» Given records
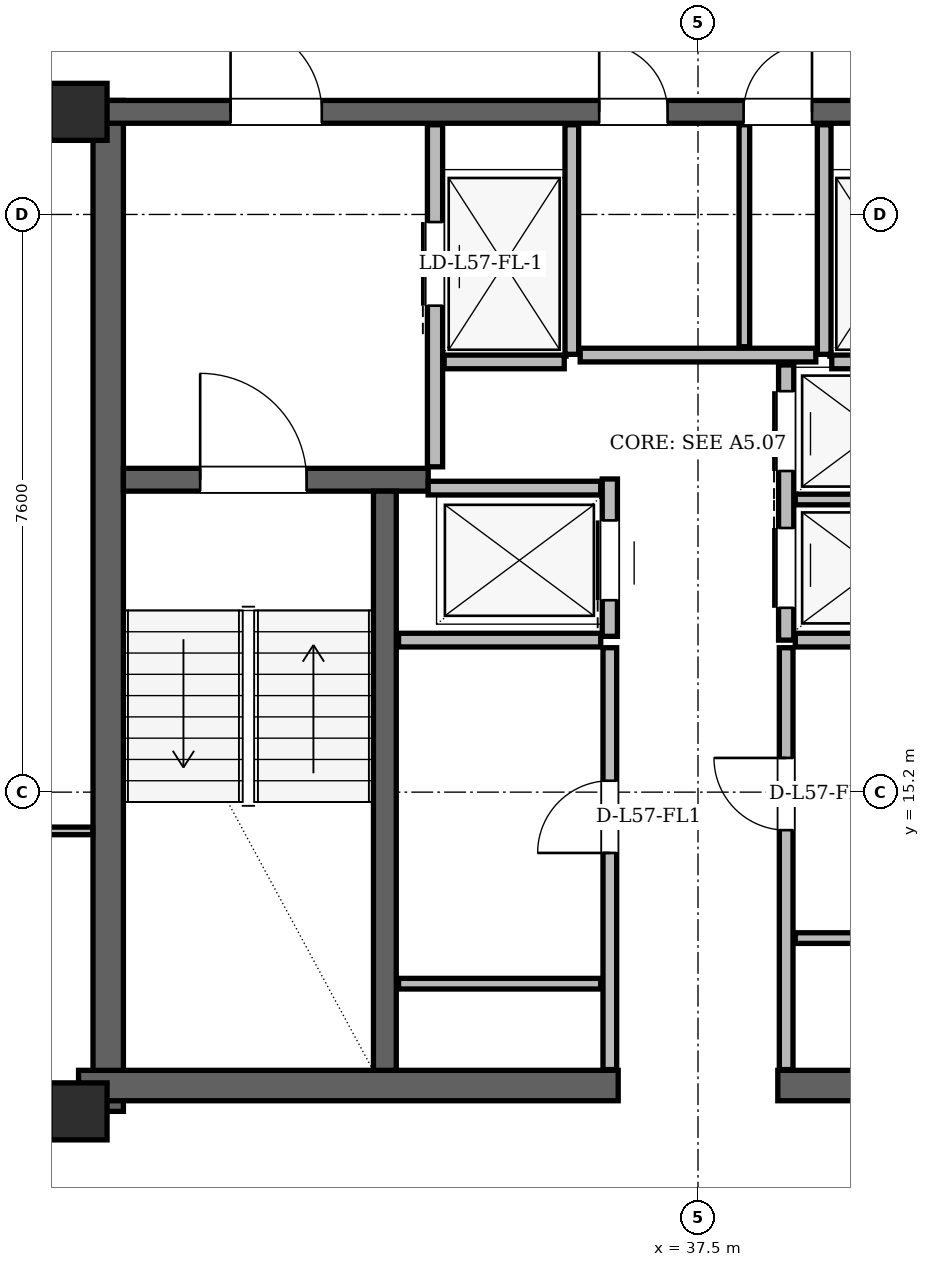
"""IFC4 building model, lengths in metres.
Left out: names, types, materials, properties, quantities, classifications, styles, units other than length and angle.
Written with IfcOpenShell. Run it as: python <this file> out.ifc"""

import sys

from ifc_helpers import new_model, si_unit, direction, frame, frame_2d, origin, origin_2d, place, context, subcontext, project, spatial, rectangle, hollow_rectangle, extrude, element, fill, save


model = new_model("IFC4")
c1 = context("Model", 3, precision=1e-05, world=origin(), true_north=direction((0.0, 1.0)))
c2 = subcontext(c1, "Body", "Model", "MODEL_VIEW")
j1 = project(units=[si_unit("LENGTHUNIT", "METRE"), si_unit("PLANEANGLEUNIT", "RADIAN")], contexts=[c1])
p1 = place(None, origin())
s1 = spatial("IfcSite", under=j1, at=p1, CompositionType="ELEMENT")
p2 = place(p1, origin())
s2 = spatial("IfcBuilding", under=s1, at=p2, CompositionType="ELEMENT")
p3 = place(p2, frame((0.0, 0.0, 216.3)))
s3 = spatial("IfcBuildingStorey", under=s2, at=p3, CompositionType="ELEMENT", Elevation=216.3)
for number, where, z_axis, x_axis in (
    (1, (29.35, 11.0, 0.0), (0.0, 0.0, 1.0), (1.0, 0.0, 0.0)),
    (2, (29.35, 24.15, 0.0), (0.0, 0.0, 1.0), (1.0, 0.0, 0.0)),
):
    element("IfcColumn", number, at=place(p3, frame(where, z_axis=z_axis, x_axis=x_axis)), inside=s3, PredefinedType="COLUMN", context=c2, shape_type="SweptSolid", body=[
        extrude(hollow_rectangle(XDim=0.75, YDim=0.75, WallThickness=0.06, at=origin_2d()), origin(), (0.0, 0.0, 1.0), 3.6),
    ])
p4 = place(p3, frame((29.74, 11.0, 0.0), z_axis=(0.0, 0.0, 1.0), x_axis=(0.0, 1.0, 0.0)))
e3 = element("IfcWall", 3, at=p4, inside=s3, PredefinedType="SHEAR", context=c2, shape_type="SweptSolid", body=[
    extrude(rectangle(XDim=13.3, YDim=0.4, at=frame_2d((6.65, 0.0))), origin(), (0.0, 0.0, 1.0), 3.38),
])
for number, where, z_axis, x_axis in (
    (4, (29.35, 11.34, 0.0), (0.0, 0.0, 1.0), (1.0, 0.0, 0.0)),
    (5, (38.55, 11.34, 0.0), (0.0, 0.0, 1.0), (1.0, 0.0, 0.0)),
):
    element("IfcWall", number, at=place(p3, frame(where, z_axis=z_axis, x_axis=x_axis)), inside=s3, PredefinedType="SHEAR", context=c2, shape_type="SweptSolid", body=[
        extrude(rectangle(XDim=7.1, YDim=0.4, at=frame_2d((3.55, 0.0))), origin(), (0.0, 0.0, 1.0), 3.38),
    ])
p5 = place(p3, frame((29.65, 24.15, 0.0), z_axis=(0.0, 0.0, 1.0), x_axis=(1.0, 0.0, 0.0)))
e6 = element("IfcWall", 6, at=p5, inside=s3, PredefinedType="SHEAR", context=c2, shape_type="SweptSolid", body=[
    extrude(rectangle(XDim=15.7, YDim=0.3, at=frame_2d((7.85, 0.0))), origin(), (0.0, 0.0, 1.0), 3.38),
])
p6 = place(p5, frame((1.7, 0.0, 0.0)))
e7 = element("IfcOpeningElement", 7, at=p6, cuts=e6, PredefinedType="OPENING", context=c2, shape_type="SweptSolid", body=[
    extrude(rectangle(XDim=1.2, YDim=2.2, at=frame_2d((0.6, 1.1))), frame((0.0, 0.15, 0.0), z_axis=(0.0, -1.0, 0.0), x_axis=(1.0, 0.0, 0.0)), (0.0, 0.0, 1.0), 0.3),
])
p7 = place(p5, frame((12.8, 0.0, 0.0)))
e8 = element("IfcOpeningElement", 8, at=p7, cuts=e6, PredefinedType="OPENING", context=c2, shape_type="SweptSolid", body=[
    extrude(rectangle(XDim=1.2, YDim=2.2, at=frame_2d((0.6, 1.1))), frame((0.0, 0.15, 0.0), z_axis=(0.0, -1.0, 0.0), x_axis=(1.0, 0.0, 0.0)), (0.0, 0.0, 1.0), 0.3),
])
p8 = place(p5, frame((6.55, 0.0, 0.0)))
e9 = element("IfcOpeningElement", 9, at=p8, cuts=e6, PredefinedType="OPENING", context=c2, shape_type="SweptSolid", body=[
    extrude(rectangle(XDim=0.9, YDim=2.05, at=frame_2d((0.45, 1.025))), frame((0.0, 0.15, 0.0), z_axis=(0.0, -1.0, 0.0), x_axis=(1.0, 0.0, 0.0)), (0.0, 0.0, 1.0), 0.3),
])
p9 = place(p5, frame((8.45, 0.0, 0.0)))
e10 = element("IfcOpeningElement", 10, at=p9, cuts=e6, PredefinedType="OPENING", context=c2, shape_type="SweptSolid", body=[
    extrude(rectangle(XDim=0.9, YDim=2.05, at=frame_2d((0.45, 1.025))), frame((0.0, 0.15, 0.0), z_axis=(0.0, -1.0, 0.0), x_axis=(1.0, 0.0, 0.0)), (0.0, 0.0, 1.0), 0.3),
])
p10 = place(p3, frame((29.94, 19.31, 0.0), z_axis=(0.0, 0.0, 1.0), x_axis=(1.0, 0.0, 0.0)))
e11 = element("IfcWall", 11, at=p10, inside=s3, PredefinedType="SHEAR", context=c2, shape_type="SweptSolid", body=[
    extrude(rectangle(XDim=4.01, YDim=0.3, at=frame_2d((2.005, 0.0))), origin(), (0.0, 0.0, 1.0), 3.38),
])
p11 = place(p10, frame((1.01, 0.0, 0.0)))
e12 = element("IfcOpeningElement", 12, at=p11, cuts=e11, PredefinedType="OPENING", context=c2, shape_type="SweptSolid", body=[
    extrude(rectangle(XDim=1.4, YDim=2.2, at=frame_2d((0.7, 1.1))), frame((0.0, 0.15, 0.0), z_axis=(0.0, -1.0, 0.0), x_axis=(1.0, 0.0, 0.0)), (0.0, 0.0, 1.0), 0.3),
])
p12 = place(p3, frame((33.38, 11.54, 0.0), z_axis=(0.0, 0.0, 1.0), x_axis=(0.0, 1.0, 0.0)))
e13 = element("IfcWall", 13, at=p12, inside=s3, PredefinedType="SHEAR", context=c2, shape_type="SweptSolid", body=[
    extrude(rectangle(XDim=7.62, YDim=0.3, at=frame_2d((3.81, 0.0))), origin(), (0.0, 0.0, 1.0), 3.38),
])
p13 = place(p3, frame((34.132, 43.163, 0.0), z_axis=(0.0, 0.0, 1.0), x_axis=(-0.500000353019, -0.866025199969, 0.0)))
e14 = element("IfcWall", 14, at=p13, inside=s3, PredefinedType="SOLIDWALL", context=c2, shape_type="SweptSolid", body=[
    extrude(rectangle(XDim=36.579, YDim=0.29, at=frame_2d((18.289, 0.0))), origin(), (0.0, 0.0, 1.0), 2.677),
])
p14 = place(p13, frame((3.429, 0.0, 0.0)))
e15 = element("IfcOpeningElement", 15, at=p14, cuts=e14, PredefinedType="OPENING", context=c2, shape_type="SweptSolid", body=[
    extrude(rectangle(XDim=1.5, YDim=2.2, at=frame_2d((0.75, 1.1))), frame((0.0, 0.145, 0.0), z_axis=(0.0, -1.0, 0.0), x_axis=(1.0, 0.0, 0.0)), (0.0, 0.0, 1.0), 0.29),
])
p15 = place(p13, frame((27.044, 0.0, 0.0)))
e16 = element("IfcOpeningElement", 16, at=p15, cuts=e14, PredefinedType="OPENING", context=c2, shape_type="SweptSolid", body=[
    extrude(rectangle(XDim=1.5, YDim=2.2, at=frame_2d((0.75, 1.1))), frame((0.0, 0.145, 0.0), z_axis=(0.0, -1.0, 0.0), x_axis=(1.0, 0.0, 0.0)), (0.0, 0.0, 1.0), 0.29),
])
p16 = place(p13, frame((22.914, 0.0, 0.85)))
e17 = element("IfcOpeningElement", 17, at=p16, cuts=e14, PredefinedType="OPENING", context=c2, shape_type="SweptSolid", body=[
    extrude(rectangle(XDim=1.2, YDim=1.48, at=frame_2d((0.6, 0.74))), frame((0.0, 0.145, 0.0), z_axis=(0.0, -1.0, 0.0), x_axis=(1.0, 0.0, 0.0)), (0.0, 0.0, 1.0), 0.29),
])
p17 = place(p13, frame((33.08, 0.0, 0.85)))
e18 = element("IfcOpeningElement", 18, at=p17, cuts=e14, PredefinedType="OPENING", context=c2, shape_type="SweptSolid", body=[
    extrude(rectangle(XDim=1.2, YDim=1.48, at=frame_2d((0.6, 0.74))), frame((0.0, 0.145, 0.0), z_axis=(0.0, -1.0, 0.0), x_axis=(1.0, 0.0, 0.0)), (0.0, 0.0, 1.0), 0.29),
])
p18 = place(p13, frame((8.479, 0.0, 0.85)))
e19 = element("IfcOpeningElement", 19, at=p18, cuts=e14, PredefinedType="OPENING", context=c2, shape_type="SweptSolid", body=[
    extrude(rectangle(XDim=1.2, YDim=1.48, at=frame_2d((0.6, 0.74))), frame((0.0, 0.145, 0.0), z_axis=(0.0, -1.0, 0.0), x_axis=(1.0, 0.0, 0.0)), (0.0, 0.0, 1.0), 0.29),
])
p19 = place(p13, frame((15.537, 0.0, 0.85)))
e20 = element("IfcOpeningElement", 20, at=p19, cuts=e14, PredefinedType="OPENING", context=c2, shape_type="SweptSolid", body=[
    extrude(rectangle(XDim=2.8, YDim=1.717, at=frame_2d((1.4, 0.858))), frame((0.0, 0.145, 0.0), z_axis=(0.0, -1.0, 0.0), x_axis=(1.0, 0.0, 0.0)), (0.0, 0.0, 1.0), 0.29),
])
p20 = place(p13, frame((1.501, 0.0, 0.85)))
e21 = element("IfcOpeningElement", 21, at=p20, cuts=e14, PredefinedType="OPENING", context=c2, shape_type="SweptSolid", body=[
    extrude(rectangle(XDim=1.2, YDim=1.48, at=frame_2d((0.6, 0.74))), frame((0.0, 0.145, 0.0), z_axis=(0.0, -1.0, 0.0), x_axis=(1.0, 0.0, 0.0)), (0.0, 0.0, 1.0), 0.29),
])
p21 = place(p3, frame((34.04, 19.48, 0.0), z_axis=(0.0, 0.0, 1.0), x_axis=(0.0, 1.0, 0.0)))
e22 = element("IfcWall", 22, at=p21, inside=s3, PredefinedType="PARTITIONING", context=c2, shape_type="SweptSolid", body=[
    extrude(rectangle(XDim=4.5, YDim=0.2, at=frame_2d((2.25, 0.0))), origin(), (0.0, 0.0, 1.0), 3.38),
])
p22 = place(p21, frame((2.12, 0.0, 0.0)))
e23 = element("IfcOpeningElement", 23, at=p22, cuts=e22, PredefinedType="OPENING", context=c2, shape_type="SweptSolid", body=[
    extrude(rectangle(XDim=1.1, YDim=2.2, at=frame_2d((0.55, 1.1))), frame((0.0, 0.1, 0.0), z_axis=(0.0, -1.0, 0.0), x_axis=(1.0, 0.0, 0.0)), (0.0, 0.0, 1.0), 0.2),
])
p23 = place(p3, frame((35.84, 20.96, 0.0), z_axis=(0.0, 0.0, 1.0), x_axis=(0.0, 1.0, 0.0)))
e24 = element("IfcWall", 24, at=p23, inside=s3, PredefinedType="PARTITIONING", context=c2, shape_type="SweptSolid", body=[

» What the task asks
Send back exactly the lines of the listing above starting at the one with "world=origin(), true_north=direction((0.0, 1.0)))" and ending at the one with "p2 = place(p1, origin())", inclusive, and no others.

» Exercise result
c1 = context("Model", 3, precision=1e-05, world=origin(), true_north=direction((0.0, 1.0)))
c2 = subcontext(c1, "Body", "Model", "MODEL_VIEW")
j1 = project(units=[si_unit("LENGTHUNIT", "METRE"), si_unit("PLANEANGLEUNIT", "RADIAN")], contexts=[c1])
p1 = place(None, origin())
s1 = spatial("IfcSite", under=j1, at=p1, CompositionType="ELEMENT")
p2 = place(p1, origin())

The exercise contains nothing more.